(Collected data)

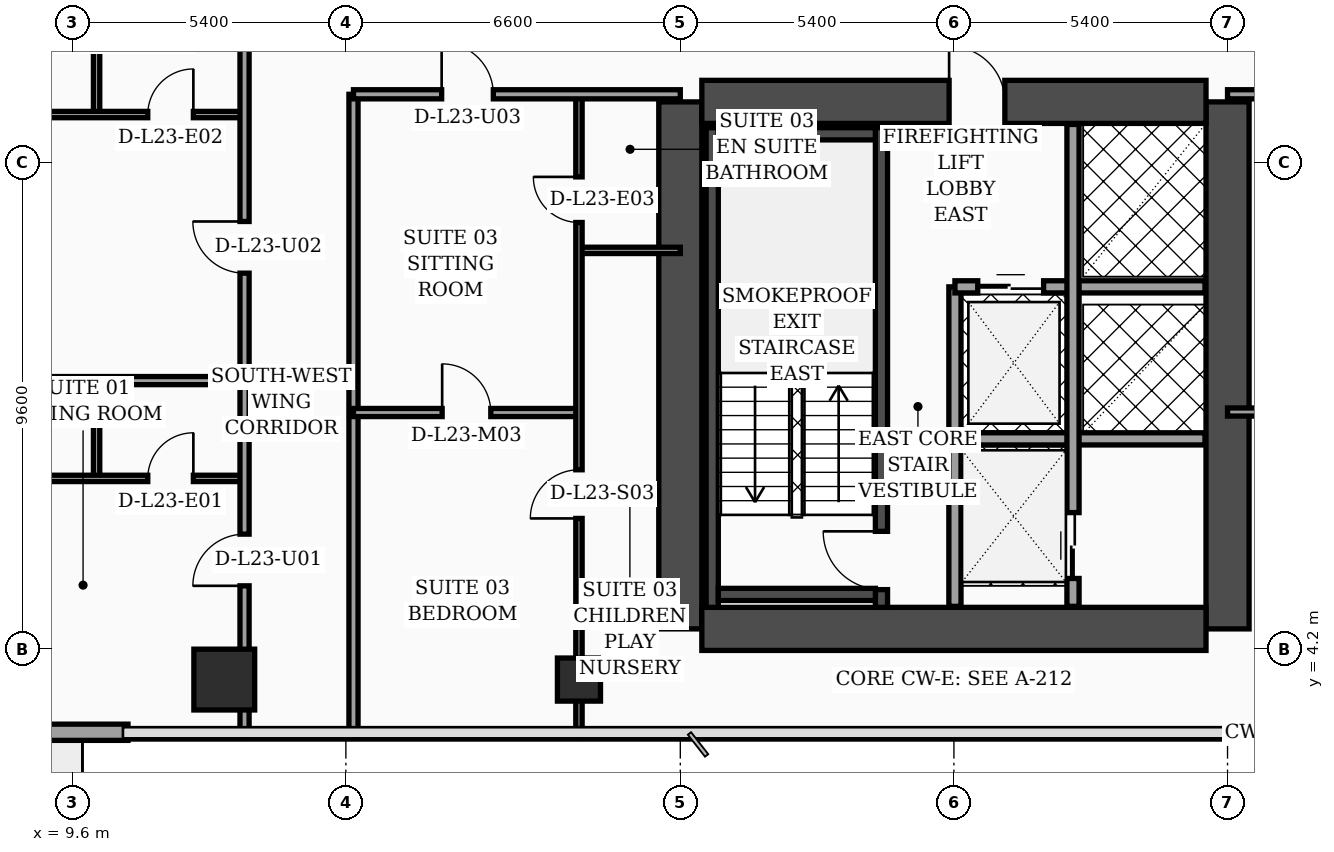
"""IFC4 building model, lengths in metres.
Left out: names, types, materials, properties, quantities, classifications, styles, units other than length and angle.
Written with IfcOpenShell. Run it as: python <this file> out.ifc"""

import sys

from ifc_helpers import new_model, si_unit, direction, frame, frame_2d, origin, origin_2d, place, context, subcontext, project, spatial, rectangle, hollow_rectangle, extrude, element, fill, save


model = new_model("IFC4")
c1 = context("Model", 3, precision=1e-05, world=origin(), true_north=direction((0.0, 1.0)))
c2 = subcontext(c1, "Body", "Model", "MODEL_VIEW")
j1 = project(units=[si_unit("LENGTHUNIT", "METRE"), si_unit("PLANEANGLEUNIT", "RADIAN")], contexts=[c1])
p1 = place(None, origin())
s1 = spatial("IfcSite", under=j1, at=p1, CompositionType="ELEMENT")
p2 = place(p1, origin())
s2 = spatial("IfcBuilding", under=s1, at=p2, CompositionType="ELEMENT")
p3 = place(p2, frame((0.0, 0.0, 97.4)))
s3 = spatial("IfcBuildingStorey", under=s2, at=p3, CompositionType="ELEMENT", Elevation=97.4)
for number, where, z_axis, x_axis in (
    (1, (21.6, 4.6, 0.0), (0.0, 0.0, 1.0), (0.0, 1.0, 0.0)),
    (2, (32.4, 4.6, 0.0), (0.0, 0.0, 1.0), (0.0, 1.0, 0.0)),
):
    element("IfcWall", number, at=place(p3, frame(where, z_axis=z_axis, x_axis=x_axis)), inside=s3, PredefinedType="SHEAR", context=c2, shape_type="SweptSolid", body=[
        extrude(rectangle(XDim=10.4, YDim=0.85, at=frame_2d((5.2, 0.0))), origin(), (0.0, 0.0, 1.0), 3.56),
    ])
p4 = place(p3, frame((22.025, 15.0, 0.0), z_axis=(0.0, 0.0, 1.0), x_axis=(1.0, 0.0, 0.0)))
e3 = element("IfcWall", 3, at=p4, inside=s3, PredefinedType="SHEAR", context=c2, shape_type="SweptSolid", body=[
    extrude(rectangle(XDim=9.95, YDim=0.85, at=frame_2d((4.975, 0.0))), origin(), (0.0, 0.0, 1.0), 3.56),
])
p5 = place(p4, frame((4.88, 0.0, 0.0)))
e4 = element("IfcOpeningElement", 4, at=p5, cuts=e3, PredefinedType="OPENING", context=c2, shape_type="SweptSolid", body=[
    extrude(rectangle(XDim=1.1, YDim=2.2, at=frame_2d((0.55, 1.1))), frame((0.0, 0.435, 0.0), z_axis=(0.0, -1.0, 0.0), x_axis=(1.0, 0.0, 0.0)), (0.0, 0.0, 1.0), 0.87),
])
p6 = place(p3, frame((22.025, 4.6, 0.0), z_axis=(0.0, 0.0, 1.0), x_axis=(1.0, 0.0, 0.0)))
e5 = element("IfcWall", 5, at=p6, inside=s3, PredefinedType="SHEAR", context=c2, shape_type="SweptSolid", body=[
    extrude(rectangle(XDim=9.95, YDim=0.85, at=frame_2d((4.975, 0.0))), origin(), (0.0, 0.0, 1.0), 3.56),
])
p7 = place(p3, frame((22.23, 5.025, 0.0), z_axis=(0.0, 0.0, 1.0), x_axis=(0.0, 1.0, 0.0)))
e6 = element("IfcWall", 6, at=p7, inside=s3, PredefinedType="SOLIDWALL", context=c2, shape_type="SweptSolid", body=[
    extrude(rectangle(XDim=9.465, YDim=0.24, at=frame_2d((4.732, 0.0))), origin(), (0.0, 0.0, 1.0), 3.56),
])
p8 = place(p3, frame((25.57, 5.025, 0.0), z_axis=(0.0, 0.0, 1.0), x_axis=(0.0, 1.0, 0.0)))
e7 = element("IfcWall", 7, at=p8, inside=s3, PredefinedType="SOLIDWALL", context=c2, shape_type="SweptSolid", body=[
    extrude(rectangle(XDim=9.465, YDim=0.24, at=frame_2d((4.732, 0.0))), origin(), (0.0, 0.0, 1.0), 3.56),
])
p9 = place(p8, frame((0.35, 0.0, 0.0)))
e8 = element("IfcOpeningElement", 8, at=p9, cuts=e7, PredefinedType="OPENING", context=c2, shape_type="SweptSolid", body=[
    extrude(rectangle(XDim=1.15, YDim=2.2, at=frame_2d((0.575, 1.1))), frame((0.0, 0.13, 0.0), z_axis=(0.0, -1.0, 0.0), x_axis=(1.0, 0.0, 0.0)), (0.0, 0.0, 1.0), 0.26),
])
for number, where, z_axis, x_axis in (
    (9, (22.35, 5.28, 0.0), (0.0, 0.0, 1.0), (1.0, 0.0, 0.0)),
    (10, (22.35, 14.37, 0.0), (0.0, 0.0, 1.0), (1.0, 0.0, 0.0)),
):
    element("IfcWall", number, at=place(p3, frame(where, z_axis=z_axis, x_axis=x_axis)), inside=s3, PredefinedType="SOLIDWALL", context=c2, shape_type="SweptSolid", body=[
        extrude(rectangle(XDim=3.1, YDim=0.24, at=frame_2d((1.55, 0.0))), origin(), (0.0, 0.0, 1.0), 3.56),
    ])
p10 = place(p3, frame((12.6, 3.6, 0.0), z_axis=(0.0, 0.0, 1.0), x_axis=(1.0, 0.0, 0.0)))
e11 = element("IfcColumn", 11, at=p10, inside=s3, PredefinedType="COLUMN", context=c2, shape_type="SweptSolid", body=[
    extrude(rectangle(XDim=1.2, YDim=1.2, at=origin_2d()), origin(), (0.0, 0.0, 1.0), 3.56),
])
p11 = place(p3, frame((19.6, 3.6, 0.0), z_axis=(0.0, 0.0, 1.0), x_axis=(1.0, 0.0, 0.0)))
e12 = element("IfcColumn", 12, at=p11, inside=s3, PredefinedType="COLUMN", context=c2, shape_type="SweptSolid", body=[
    extrude(hollow_rectangle(XDim=0.85, YDim=0.85, WallThickness=0.036, at=origin_2d()), origin(), (0.0, 0.0, 1.0), 3.56),
])
p12 = place(p3, frame((3.1, 2.56, 0.0), z_axis=(0.0, 0.0, 1.0), x_axis=(1.0, 0.0, 0.0)))
e13 = element("IfcWall", 13, at=p12, inside=s3, PredefinedType="SOLIDWALL", context=c2, shape_type="SweptSolid", body=[
    extrude(rectangle(XDim=7.6, YDim=0.32, at=frame_2d((3.8, 0.0))), origin(), (0.0, 0.0, 1.0), 3.56),
])
p13 = place(p12, frame((0.45, 0.0, 0.75)))
e14 = element("IfcOpeningElement", 14, at=p13, cuts=e13, PredefinedType="OPENING", context=c2, shape_type="SweptSolid", body=[
    extrude(rectangle(XDim=1.0, YDim=1.6, at=frame_2d((0.5, 0.8))), frame((0.0, 0.17, 0.0), z_axis=(0.0, -1.0, 0.0), x_axis=(1.0, 0.0, 0.0)), (0.0, 0.0, 1.0), 0.34),
])
p14 = place(p12, frame((3.8, 0.0, 0.0)))
e15 = element("IfcOpeningElement", 15, at=p14, cuts=e13, PredefinedType="OPENING", context=c2, shape_type="SweptSolid", body=[
    extrude(rectangle(XDim=1.4, YDim=2.25, at=frame_2d((0.7, 1.125))), frame((0.0, 0.17, 0.0), z_axis=(0.0, -1.0, 0.0), x_axis=(1.0, 0.0, 0.0)), (0.0, 0.0, 1.0), 0.34),
])
p15 = place(p3, frame((27.02, 5.045, 0.0), z_axis=(0.0, 0.0, 1.0), x_axis=(0.0, 1.0, 0.0)))
e16 = element("IfcWall", 16, at=p15, inside=s3, PredefinedType="SOLIDWALL", context=c2, shape_type="SweptSolid", body=[
    extrude(rectangle(XDim=6.305, YDim=0.24, at=frame_2d((3.153, 0.0))), origin(), (0.0, 0.0, 1.0), 3.56),
])
p16 = place(p3, frame((27.02, 11.35, 0.0), z_axis=(0.0, 0.0, 1.0), x_axis=(1.0, 0.0, 0.0)))
e17 = element("IfcWall", 17, at=p16, inside=s3, PredefinedType="SOLIDWALL", context=c2, shape_type="SweptSolid", body=[
    extrude(rectangle(XDim=4.935, YDim=0.24, at=frame_2d((2.468, 0.0))), origin(), (0.0, 0.0, 1.0), 3.56),
])
p17 = place(p16, frame((0.45, 0.0, 0.0)))
e18 = element("IfcOpeningElement", 18, at=p17, cuts=e17, PredefinedType="OPENING", context=c2, shape_type="SweptSolid", body=[
    extrude(rectangle(XDim=1.3, YDim=2.35, at=frame_2d((0.65, 1.175))), frame((0.0, 0.13, 0.0), z_axis=(0.0, -1.0, 0.0), x_axis=(1.0, 0.0, 0.0)), (0.0, 0.0, 1.0), 0.26),
])
p18 = place(p3, frame((27.02, 8.35, 0.0), z_axis=(0.0, 0.0, 1.0), x_axis=(1.0, 0.0, 0.0)))
e19 = element("IfcWall", 19, at=p18, inside=s3, PredefinedType="SOLIDWALL", context=c2, shape_type="SweptSolid", body=[
    extrude(rectangle(XDim=4.935, YDim=0.24, at=frame_2d((2.468, 0.0))), origin(), (0.0, 0.0, 1.0), 3.09),
])
p19 = place(p3, frame((29.35, 5.045, 0.0), z_axis=(0.0, 0.0, 1.0), x_axis=(0.0, 1.0, 0.0)))
e20 = element("IfcWall", 20, at=p19, inside=s3, PredefinedType="SOLIDWALL", context=c2, shape_type="SweptSolid", body=[
    extrude(rectangle(XDim=9.51, YDim=0.24, at=frame_2d((4.755, 0.0))), origin(), (0.0, 0.0, 1.0), 3.56),
])
p20 = place(p19, frame((0.55, 0.0, 0.0)))
e21 = element("IfcOpeningElement", 21, at=p20, cuts=e20, PredefinedType="OPENING", context=c2, shape_type="SweptSolid", body=[
    extrude(rectangle(XDim=1.3, YDim=2.35, at=frame_2d((0.65, 1.175))), frame((0.0, 0.13, 0.0), z_axis=(0.0, -1.0, 0.0), x_axis=(1.0, 0.0, 0.0)), (0.0, 0.0, 1.0), 0.26),
])
p21 = place(p3, frame((10.08, 7.57, 0.0), z_axis=(0.0, 0.0, 1.0), x_axis=(0.0, 1.0, 0.0)))
e22 = element("IfcWall", 22, at=p21, inside=s3, PredefinedType="PARTITIONING", context=c2, shape_type="SweptSolid", body=[
    extrude(rectangle(XDim=1.93, YDim=0.125, at=frame_2d((0.965, 0.0))), origin(), (0.0, 0.0, 1.0), 3.09),
])
p22 = place(p3, frame((3.2, 7.57, 0.0), z_axis=(0.0, 0.0, 1.0), x_axis=(1.0, 0.0, 0.0)))
e23 = element("IfcWall", 23, at=p22, inside=s3, PredefinedType="PARTITIONING", context=c2, shape_type="SweptSolid", body=[
    extrude(rectangle(XDim=9.8, YDim=0.125, at=frame_2d((4.9, 0.0))), origin(), (0.0, 0.0, 1.0), 2.84),
])
p23 = place(p22, frame((3.32, 0.0, 0.0)))
e24 = element("IfcOpeningElement", 24, at=p23, cuts=e23, PredefinedType="OPENING", context=c2, shape_type="SweptSolid", body=[
    extrude(rectangle(XDim=0.96, YDim=2.2, at=frame_2d((0.48, 1.1))), frame((0.0, 0.073, 0.0), z_axis=(0.0, -1.0, 0.0), x_axis=(1.0, 0.0, 0.0)), (0.0, 0.0, 1.0), 0.145),
])
p24 = place(p22, frame((7.89, 0.0, 0.0)))
e25 = element("IfcOpeningElement", 25, at=p24, cuts=e23, PredefinedType="OPENING", context=c2, shape_type="SweptSolid", body=[
    extrude(rectangle(XDim=0.9, YDim=2.15, at=frame_2d((0.45, 1.075))), frame((0.0, 0.073, 0.0), z_axis=(0.0, -1.0, 0.0), x_axis=(1.0, 0.0, 0.0)), (0.0, 0.0, 1.0), 0.145),
])
p25 = place(p3, frame((10.08, 14.75, 0.0), z_axis=(0.0, 0.0, 1.0), x_axis=(0.0, 1.0, 0.0)))
e26 = element("IfcWall", 26, at=p25, inside=s3, PredefinedType="PARTITIONING", context=c2, shape_type="SweptSolid", body=[
    extrude(rectangle(XDim=2.05, YDim=0.125, at=frame_2d((1.025, 0.0))), origin(), (0.0, 0.0, 1.0), 3.56),
])
p26 = place(p3, frame((0.08, 14.75, 0.0), z_axis=(0.0, 0.0, 1.0), x_axis=(1.0, 0.0, 0.0)))
e27 = element("IfcWall", 27, at=p26, inside=s3, PredefinedType="PARTITIONING", context=c2, shape_type="SweptSolid", body=[
    extrude(rectangle(XDim=12.92, YDim=0.125, at=frame_2d((6.46, 0.0))), origin(), (0.0, 0.0, 1.0), 2.84),
])
p27 = place(p26, frame((4.52, 0.0, 0.0)))
e28 = element("IfcOpeningElement", 28, at=p27, cuts=e27, PredefinedType="OPENING", context=c2, shape_type="SweptSolid", body=[
    extrude(rectangle(XDim=0.96, YDim=2.2, at=frame_2d((0.48, 1.1))), frame((0.0, 0.073, 0.0), z_axis=(0.0, -1.0, 0.0), x_axis=(1.0, 0.0, 0.0)), (0.0, 0.0, 1.0), 0.145),
])
p28 = place(p26, frame((11.01, 0.0, 0.0)))
e29 = element("IfcOpeningElement", 29, at=p28, cuts=e27, PredefinedType="OPENING", context=c2, shape_type="SweptSolid", body=[
    extrude(rectangle(XDim=0.9, YDim=2.15, at=frame_2d((0.45, 1.075))), frame((0.0, 0.073, 0.0), z_axis=(0.0, -1.0, 0.0), x_axis=(1.0, 0.0, 0.0)), (0.0, 0.0, 1.0), 0.145),
])
p29 = place(p3, frame((0.08, 9.5, 0.0), z_axis=(0.0, 0.0, 1.0), x_axis=(1.0, 0.0, 0.0)))
e30 = element("IfcWall", 30, at=p29, inside=s3, PredefinedType="PARTITIONING", context=c2, shape_type="SweptSolid", body=[
    extrude(rectangle(XDim=12.92, YDim=0.16, at=frame_2d((6.46, 0.0))), origin(), (0.0, 0.0, 1.0), 2.84),
])
p30 = place(p3, frame((13.0, 2.44, 0.0), z_axis=(0.0, 0.0, 1.0), x_axis=(0.0, 1.0, 0.0)))
e31 = element("IfcWall", 31, at=p30, inside=s3, PredefinedType="PARTITIONING", context=c2, shape_type="SweptSolid", body=[
    extrude(rectangle(XDim=14.36, YDim=0.18, at=frame_2d((7.18, 0.0))), origin(), (0.0, 0.0, 1.0), 2.84),
])
p31 = place(p30, frame((3.01, 0.0, 0.0)))
e32 = element("IfcOpeningElement", 32, at=p31, cuts=e31, PredefinedType="OPENING", context=c2, shape_type="SweptSolid", body=[
    extrude(rectangle(XDim=1.02, YDim=2.2, at=frame_2d((0.51, 1.1))), frame((0.0, 0.1, 0.0), z_axis=(0.0, -1.0, 0.0), x_axis=(1.0, 0.0, 0.0)), (0.0, 0.0, 1.0), 0.2),
])
p32 = place(p30, frame((9.18, 0.0, 0.0)))
e33 = element("IfcOpeningElement", 33, at=p32, cuts=e31, PredefinedType="OPENING", context=c2, shape_type="SweptSolid", body=[
    extrude(rectangle(XDim=1.02, YDim=2.2, at=frame_2d((0.51, 1.1))), frame((0.0, 0.1, 0.0), z_axis=(0.0, -1.0, 0.0), x_axis=(1.0, 0.0, 0.0)), (0.0, 0.0, 1.0), 0.2),
])
p33 = place(p3, frame((15.15, 2.44, 0.0), z_axis=(0.0, 0.0, 1.0), x_axis=(0.0, 1.0, 0.0)))
e34 = element("IfcWall", 34, at=p33, inside=s3, PredefinedType="PARTITIONING", context=c2, shape_type="SweptSolid", body=[
    extrude(rectangle(XDim=12.71, YDim=0.18, at=frame_2d((6.355, 0.0))), origin(), (0.0, 0.0, 1.0), 3.04),
])
p34 = place(p3, frame((19.6, 12.07, 0.0), z_axis=(0.0, 0.0, 1.0), x_axis=(1.0, 0.0, 0.0)))
e35 = element("IfcWall", 35, at=p34, inside=s3, PredefinedType="PARTITIONING", context=c2, shape_type="SweptSolid", body=[
    extrude(rectangle(XDim=2.0, YDim=0.125, at=frame_2d((1.0, 0.0))), origin(), (0.0, 0.0, 1.0), 3.56),
])
p35 = place(p3, frame((15.15, 8.87, 0.0), z_axis=(0.0, 0.0, 1.0), x_axis=(1.0, 0.0, 0.0)))
e36 = element("IfcWall", 36, at=p35, inside=s3, PredefinedType="PARTITIONING", context=c2, shape_type="SweptSolid", body=[
    extrude(rectangle(XDim=4.45, YDim=0.16, at=frame_2d((2.225, 0.0))), origin(), (0.0, 0.0, 1.0), 3.56),
])
p36 = place(p35, frame((1.75, 0.0, 0.0)))
e37 = element("IfcOpeningElement", 37, at=p36, cuts=e36, PredefinedType="OPENING", context=c2, shape_type="SweptSolid", body=[
    extrude(rectangle(XDim=0.96, YDim=2.2, at=frame_2d((0.48, 1.1))), frame((0.0, 0.09, 0.0), z_axis=(0.0, -1.0, 0.0), x_axis=(1.0, 0.0, 0.0)), (0.0, 0.0, 1.0), 0.18),
])
p37 = place(p3, frame((19.6, 2.44, 0.0), z_axis=(0.0, 0.0, 1.0), x_axis=(0.0, 1.0, 0.0)))
e38 = element("IfcWall", 38, at=p37, inside=s3, PredefinedType="PARTITIONING", context=c2, shape_type="SweptSolid", body=[
    extrude(rectangle(XDim=12.71, YDim=0.125, at=frame_2d((6.355, 0.0))), origin(), (0.0, 0.0, 1.0), 2.49),
])
p38 = place(p37, frame((4.34, 0.0, 0.0)))
e39 = element("IfcOpeningElement", 39, at=p38, cuts=e38, PredefinedType="OPENING", context=c2, shape_type="SweptSolid", body=[
    extrude(rectangle(XDim=0.96, YDim=2.2, at=frame_2d((0.48, 1.1))), frame((0.0, 0.073, 0.0), z_axis=(0.0, -1.0, 0.0), x_axis=(1.0, 0.0, 0.0)), (0.0, 0.0, 1.0), 0.145),
])
p39 = place(p37, frame((10.18, 0.0, 0.0)))
e40 = element("IfcOpeningElement", 40, at=p39, cuts=e38, PredefinedType="OPENING", context=c2, shape_type="SweptSolid", body=[
    extrude(rectangle(XDim=0.9, YDim=2.15, at=frame_2d((0.45, 1.075))), frame((0.0, 0.073, 0.0), z_axis=(0.0, -1.0, 0.0), x_axis=(1.0, 0.0, 0.0)), (0.0, 0.0, 1.0), 0.145),
])
p40 = place(p3, frame((15.15, 15.15, 0.0), z_axis=(0.0, 0.0, 1.0), x_axis=(1.0, 0.0, 0.0)))
e41 = element("IfcWall", 41, at=p40, inside=s3, PredefinedType="PARTITIONING", context=c2, shape_type="SweptSolid", body=[
    extrude(rectangle(XDim=6.45, YDim=0.18, at=frame_2d((3.225, 0.0))), origin(), (0.0, 0.0, 1.0), 2.49),
])
p41 = place(p40, frame((1.74, 0.0, 0.0)))
e42 = element("IfcOpeningElement", 42, at=p41, cuts=e41, PredefinedType="OPENING", context=c2, shape_type="SweptSolid", body=[
    extrude(rectangle(XDim=1.02, YDim=2.2, at=frame_2d((0.51, 1.1))), frame((0.0, 0.1, 0.0), z_axis=(0.0, -1.0, 0.0), x_axis=(1.0, 0.0, 0.0)), (0.0, 0.0, 1.0), 0.2),
])
p42 = place(p3, frame((32.4, 8.88, 0.0), z_axis=(0.0, 0.0, 1.0), x_axis=(1.0, 0.0, 0.0)))
e43 = element("IfcWall", 43, at=p42, inside=s3, PredefinedType="PARTITIONING", context=c2, shape_type="SweptSolid", body=[
    extrude(rectangle(XDim=8.77, YDim=0.16, at=frame_2d((4.385, 0.0))), origin(), (0.0, 0.0, 1.0), 2.84),
])
p43 = place(p42, frame((3.91, 0.0, 0.0)))
e44 = element("IfcOpeningElement", 44, at=p43, cuts=e43, PredefinedType="OPENING", context=c2, shape_type="SweptSolid", body=[
    extrude(rectangle(XDim=0.96, YDim=2.2, at=frame_2d((0.48, 1.1))), frame((0.0, 0.09, 0.0), z_axis=(0.0, -1.0, 0.0), x_axis=(1.0, 0.0, 0.0)), (0.0, 0.0, 1.0), 0.18),
])
p44 = place(p3, frame((32.4, 15.15, 0.0), z_axis=(0.0, 0.0, 1.0), x_axis=(1.0, 0.0, 0.0)))
e45 = element("IfcWall", 45, at=p44, inside=s3, PredefinedType="PARTITIONING", context=c2, shape_type="SweptSolid", body=[
    extrude(rectangle(XDim=20.2, YDim=0.18, at=frame_2d((10.1, 0.0))), origin(), (0.0, 0.0, 1.0), 2.84),
])
p45 = place(p44, frame((3.98, 0.0, 0.0)))
e46 = element("IfcOpeningElement", 46, at=p45, cuts=e45, PredefinedType="OPENING", context=c2, shape_type="SweptSolid", body=[
    extrude(rectangle(XDim=1.02, YDim=2.2, at=frame_2d((0.51, 1.1))), frame((0.0, 0.1, 0.0), z_axis=(0.0, -1.0, 0.0), x_axis=(1.0, 0.0, 0.0)), (0.0, 0.0, 1.0), 0.2),
])
p46 = place(p44, frame((13.98, 0.0, 0.0)))
e47 = element("IfcOpeningElement", 47, at=p46, cuts=e45, PredefinedType="OPENING", context=c2, shape_type="SweptSolid", body=[
    extrude(rectangle(XDim=1.02, YDim=2.2, at=frame_2d((0.51, 1.1))), frame((0.0, 0.1, 0.0), z_axis=(0.0, -1.0, 0.0), x_axis=(1.0, 0.0, 0.0)), (0.0, 0.0, 1.0), 0.2),
])
p47 = place(p17, origin())
e48 = element("IfcDoor", 48, at=p47, inside=s3, OperationType="DOUBLE_DOOR_SLIDING", PredefinedType="DOOR", context=c2, shape_type="SweptSolid", body=[
    extrude(rectangle(XDim=1.3, YDim=2.35, at=frame_2d((0.65, 1.175))), frame((0.0, 0.025, 0.0), z_axis=(0.0, -1.0, 0.0), x_axis=(1.0, 0.0, 0.0)), (0.0, 0.0, 1.0), 0.05),
])
fill(e18, e48)
p48 = place(p20, origin())
e49 = element("IfcDoor", 49, at=p48, inside=s3, OperationType="DOUBLE_DOOR_SLIDING", PredefinedType="DOOR", context=c2, shape_type="SweptSolid", body=[
    extrude(rectangle(XDim=1.3, YDim=2.35, at=frame_2d((0.65, 1.175))), frame((0.0, 0.025, 0.0), z_axis=(0.0, -1.0, 0.0), x_axis=(1.0, 0.0, 0.0)), (0.0, 0.0, 1.0), 0.05),
])
fill(e21, e49)
p49 = place(p24, origin())
e50 = element("IfcDoor", 50, at=p49, inside=s3, OperationType="SINGLE_SWING_RIGHT", PredefinedType="DOOR", context=c2, shape_type="SweptSolid", body=[
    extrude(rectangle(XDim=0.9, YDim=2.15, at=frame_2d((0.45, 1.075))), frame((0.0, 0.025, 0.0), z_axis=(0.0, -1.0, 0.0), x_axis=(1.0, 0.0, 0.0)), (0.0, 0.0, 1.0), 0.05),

How to complete this task: For every line above that includes the string "fill", copy the line.

Solution below:
from ifc_helpers import new_model, si_unit, direction, frame, frame_2d, origin, origin_2d, place, context, subcontext, project, spatial, rectangle, hollow_rectangle, extrude, element, fill, save
fill(e18, e48)
fill(e21, e49)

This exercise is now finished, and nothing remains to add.